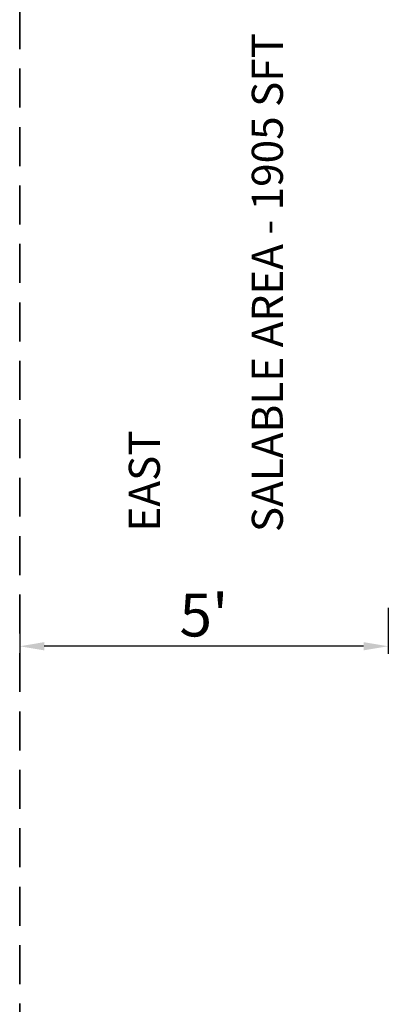
# Model space of a CAD drawing. Units: inches. Extents: x -7 to 1228, y -146 to 1091.
# Tile 2 of 88: x 0 to 60, y 32 to 193. Entities that reach past the tile are written whole.
import ezdxf

# ---------------------------------------------------------------- set-up
doc = ezdxf.new("R2010")
doc.units = ezdxf.units.IN
doc.linetypes.add('DASHED2', pattern=[9.525, 6.35, -3.175])
for name, color, linetype, lineweight in [('A-ANNO-DIMS', 2, 'Continuous', 18), ('A-ANNO-TEXT', 7, 'Continuous', 18), ('C-PROP', 1, 'DASHED2', 35)]:
    doc.layers.add(name, color=color, linetype=linetype, lineweight=lineweight)
doc.styles.get("Standard").update_dxf_attribs({"font": 'arial.ttf'})
doc.dimstyles.new('ISO-25', dxfattribs={"dimtxt": 7, "dimasz": 4, "dimexe": 1.25, "dimexo": 0.625, "dimtad": 1, "dimdec": 1, "dimlunit": 3, "dimtxsty": 'Standard', "dimcen": 2.5, "dimadec": 0, "dimazin": 0, "dimtfac": 1, "dimtdec": 1, "dimtmove": 1, "dimatfit": 3, "dimfxl": 1, "dimarcsym": 0})

# ---------------------------------------------------------------- blocks, each defined once
blk = doc.blocks.new('*D10')
at = {"layer": 'A-ANNO-DIMS', "color": 0, "lineweight": -2, "transparency": 16777216}
for p, q in [((0, 96.81), (0, 89.3)), ((60, 96.81), (60, 89.3)), ((56, 90.55), (4, 90.55))]:
    blk.add_line(p, q, dxfattribs=at)
at = {"layer": 'A-ANNO-DIMS', "color": 0, "transparency": 16777216}
for points in [[(4, 91.22), (4, 89.88), (0, 90.55)], [(56, 91.22), (56, 89.88), (60, 90.55)]]:
    blk.add_solid(points, dxfattribs=at)
at = {"layer": 'Defpoints', "color": 0, "transparency": 16777216}
for p in [(0, 97.43), (60, 97.43), (0, 90.55)]:
    blk.add_point(p, dxfattribs=at)
at = {"layer": 'A-ANNO-DIMS', "color": 0, "transparency": 16777216, "insert": (30, 94.74), "char_height": 7, "attachment_point": 5}
blk.add_mtext("5'", dxfattribs=at)

msp = doc.modelspace()

# ---------------------------------------------------------------- linework, layer by layer
at = {"layer": 'C-PROP'}
msp.add_line((0, 1061), (0, 0), dxfattribs=at)

# ---------------------------------------------------------------- texts
at = {"layer": 'A-ANNO-TEXT', "attachment_point": 1, "rotation": 90}
for s, insert, char_height in [('{SALABLE AREA - 1905 SFT}', (37.8, 109.15), 5.0568), ('EAST', (17.77, 109.24), 5.057)]:
    msp.add_mtext_dynamic_manual_height_columns(s, width=137.2821, gutter_width=25.28, heights=[0], dxfattribs=dict(at, insert=insert, char_height=char_height))

# ---------------------------------------------------------------- dimensions: what is measured, and where the dimension line sits
at = {"layer": 'A-ANNO-DIMS'}
dim = msp.add_linear_dim(base=(0, 90.55), p1=(60, 97.43), p2=(0, 97.43), dimstyle='ISO-25', override={"dimclrd": 0, "dimclre": 0, "dimclrt": 0}, dxfattribs=at)
dim.commit()
dim.dimension.update_dxf_attribs({"geometry": '*D10', "text_midpoint": (30, 94.74)})

doc.saveas('drawing.dxf')

• [Work task]: The listing above is to be written out again exactly, with its pictures omitted.

• [Solution to this exercise]:
# Model space of a CAD drawing. Units: inches. Extents: x -7 to 1228, y -146 to 1091.
# Tile 2 of 88: x 0 to 60, y 32 to 193. Entities that reach past the tile are written whole.
import ezdxf

# ---------------------------------------------------------------- set-up
doc = ezdxf.new("R2010")
doc.units = ezdxf.units.IN
doc.linetypes.add('DASHED2', pattern=[9.525, 6.35, -3.175])
for name, color, linetype, lineweight in [('A-ANNO-DIMS', 2, 'Continuous', 18), ('A-ANNO-TEXT', 7, 'Continuous', 18), ('C-PROP', 1, 'DASHED2', 35)]:
    doc.layers.add(name, color=color, linetype=linetype, lineweight=lineweight)
doc.styles.get("Standard").update_dxf_attribs({"font": 'arial.ttf'})
doc.dimstyles.new('ISO-25', dxfattribs={"dimtxt": 7, "dimasz": 4, "dimexe": 1.25, "dimexo": 0.625, "dimtad": 1, "dimdec": 1, "dimlunit": 3, "dimtxsty": 'Standard', "dimcen": 2.5, "dimadec": 0, "dimazin": 0, "dimtfac": 1, "dimtdec": 1, "dimtmove": 1, "dimatfit": 3, "dimfxl": 1, "dimarcsym": 0})

# ---------------------------------------------------------------- blocks, each defined once
blk = doc.blocks.new('*D10')
at = {"layer": 'A-ANNO-DIMS', "color": 0, "lineweight": -2, "transparency": 16777216}
for p, q in [((0, 96.81), (0, 89.3)), ((60, 96.81), (60, 89.3)), ((56, 90.55), (4, 90.55))]:
    blk.add_line(p, q, dxfattribs=at)
at = {"layer": 'A-ANNO-DIMS', "color": 0, "transparency": 16777216}
for points in [[(4, 91.22), (4, 89.88), (0, 90.55)], [(56, 91.22), (56, 89.88), (60, 90.55)]]:
    blk.add_solid(points, dxfattribs=at)
at = {"layer": 'Defpoints', "color": 0, "transparency": 16777216}
for p in [(0, 97.43), (60, 97.43), (0, 90.55)]:
    blk.add_point(p, dxfattribs=at)
at = {"layer": 'A-ANNO-DIMS', "color": 0, "transparency": 16777216, "insert": (30, 94.74), "char_height": 7, "attachment_point": 5}
blk.add_mtext("5'", dxfattribs=at)

msp = doc.modelspace()

# ---------------------------------------------------------------- linework, layer by layer
at = {"layer": 'C-PROP'}
msp.add_line((0, 1061), (0, 0), dxfattribs=at)

# ---------------------------------------------------------------- texts
at = {"layer": 'A-ANNO-TEXT', "attachment_point": 1, "rotation": 90}
for s, insert, char_height in [('{SALABLE AREA - 1905 SFT}', (37.8, 109.15), 5.0568), ('EAST', (17.77, 109.24), 5.057)]:
    msp.add_mtext_dynamic_manual_height_columns(s, width=137.2821, gutter_width=25.28, heights=[0], dxfattribs=dict(at, insert=insert, char_height=char_height))

# ---------------------------------------------------------------- dimensions: what is measured, and where the dimension line sits
at = {"layer": 'A-ANNO-DIMS'}
dim = msp.add_linear_dim(base=(0, 90.55), p1=(60, 97.43), p2=(0, 97.43), dimstyle='ISO-25', override={"dimclrd": 0, "dimclre": 0, "dimclrt": 0}, dxfattribs=at)
dim.commit()
dim.dimension.update_dxf_attribs({"geometry": '*D10', "text_midpoint": (30, 94.74)})

doc.saveas('drawing.dxf')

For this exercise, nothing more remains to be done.